__Records supplied__
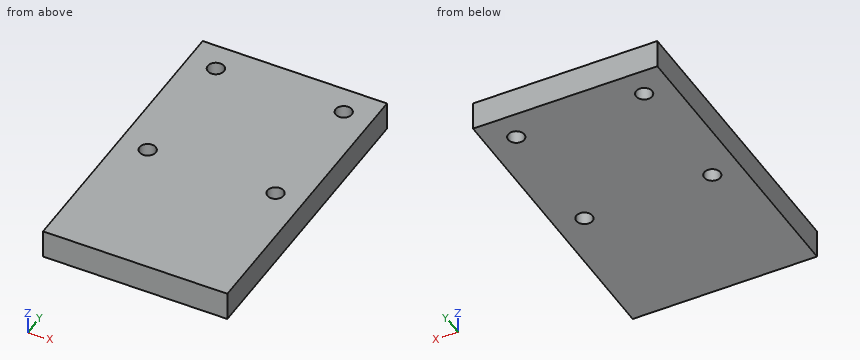
from build123d import *

# Parameters (mm, degrees)
SKETCH_1_W          = 160
SKETCH_1_H          = 260
EXTRUDE_1_DEPTH     = 25
HOLE_WIZARD_M16_1_D = 14


with BuildPart() as part:
    # 草图1 → 凸台-拉伸1 (new body)
    with BuildSketch(Plane.XY):
        Rectangle(SKETCH_1_W, SKETCH_1_H)
    extrude(amount=EXTRUDE_1_DEPTH)

    # M16 螺纹孔1 (through all)
    with Locations(Plane.XY.offset(25)):
        with Locations((-55.5, 105.5), (-55.5, -5.5), (55.5, -5.5), (55.5, 105.5)):
            Hole(HOLE_WIZARD_M16_1_D / 2)


solid = part.part
Verification items for the finished model (mm, model axes). Give positions to 0.01 mm unless a question says otherwise; leave off trailing zeros. Write each loop counter-clockwise with the first axis right and the second up, starting at its lowest first coordinate (ties: lowest second). Pieces come first, ordered by that corner, then holes. Notation, with made-up numbers: (28, -15.75) -> (72, -15.75) arc R35 ccw to (72, 17.25) -> close; hole circle Ø11 at (49.25, 4). An arc over 180 degrees is marked (long way). Use CSV: the item, a comma, the result in double quotes.
(1) Sectioned sample at B-B (x = -55.5). Record the cut outline in (y, z).
Derived:
outline,"(-130, 0) -> (-12.5, 0) -> (-12.5, 25) -> (-130, 25) -> close; (1.5, 0) -> (98.5, 0) -> (98.5, 25) -> (1.5, 25) -> close; (112.5, 0) -> (130, 0) -> (130, 25) -> (112.5, 25) -> close"
(2) Material ranges on L1, parallel to Y at x = -55.5, z = 8.5; L2, parallel to Y at x = -56.5, z = 3, recorded low to high.
Derived:
L1,"y = -130 to -12.5, 1.5 to 98.5, 112.5 to 130"
L2,"y = -130 to -12.43, 1.43 to 98.57, 112.43 to 130"
(3) Sectioned sample at A-A (y = -5.5). Record the cut outline in (x, z), plus the area to 3 significant figures.
Derived:
outline,"(-80, 0) -> (-62.5, 0) -> (-62.5, 25) -> (-80, 25) -> close; (-48.5, 0) -> (48.5, 0) -> (48.5, 25) -> (-48.5, 25) -> close; (62.5, 0) -> (80, 0) -> (80, 25) -> (62.5, 25) -> close"
area,"3,300 mm^2"

__Work to be completed__
Return each of the lines exactly as they appear above, with no images.

__Output of the task__
from build123d import *

# Parameters (mm, degrees)
SKETCH_1_W          = 160
SKETCH_1_H          = 260
EXTRUDE_1_DEPTH     = 25
HOLE_WIZARD_M16_1_D = 14


with BuildPart() as part:
    # 草图1 → 凸台-拉伸1 (new body)
    with BuildSketch(Plane.XY):
        Rectangle(SKETCH_1_W, SKETCH_1_H)
    extrude(amount=EXTRUDE_1_DEPTH)

    # M16 螺纹孔1 (through all)
    with Locations(Plane.XY.offset(25)):
        with Locations((-55.5, 105.5), (-55.5, -5.5), (55.5, -5.5), (55.5, 105.5)):
            Hole(HOLE_WIZARD_M16_1_D / 2)


solid = part.part
Verification items for the finished model (mm, model axes). Give positions to 0.01 mm unless a question says otherwise; leave off trailing zeros. Write each loop counter-clockwise with the first axis right and the second up, starting at its lowest first coordinate (ties: lowest second). Pieces come first, ordered by that corner, then holes. Notation, with made-up numbers: (28, -15.75) -> (72, -15.75) arc R35 ccw to (72, 17.25) -> close; hole circle Ø11 at (49.25, 4). An arc over 180 degrees is marked (long way). Use CSV: the item, a comma, the result in double quotes.
(1) Sectioned sample at B-B (x = -55.5). Record the cut outline in (y, z).
Derived:
outline,"(-130, 0) -> (-12.5, 0) -> (-12.5, 25) -> (-130, 25) -> close; (1.5, 0) -> (98.5, 0) -> (98.5, 25) -> (1.5, 25) -> close; (112.5, 0) -> (130, 0) -> (130, 25) -> (112.5, 25) -> close"
(2) Material ranges on L1, parallel to Y at x = -55.5, z = 8.5; L2, parallel to Y at x = -56.5, z = 3, recorded low to high.
Derived:
L1,"y = -130 to -12.5, 1.5 to 98.5, 112.5 to 130"
L2,"y = -130 to -12.43, 1.43 to 98.57, 112.43 to 130"
(3) Sectioned sample at A-A (y = -5.5). Record the cut outline in (x, z), plus the area to 3 significant figures.
Derived:
outline,"(-80, 0) -> (-62.5, 0) -> (-62.5, 25) -> (-80, 25) -> close; (-48.5, 0) -> (48.5, 0) -> (48.5, 25) -> (-48.5, 25) -> close; (62.5, 0) -> (80, 0) -> (80, 25) -> (62.5, 25) -> close"
area,"3,300 mm^2"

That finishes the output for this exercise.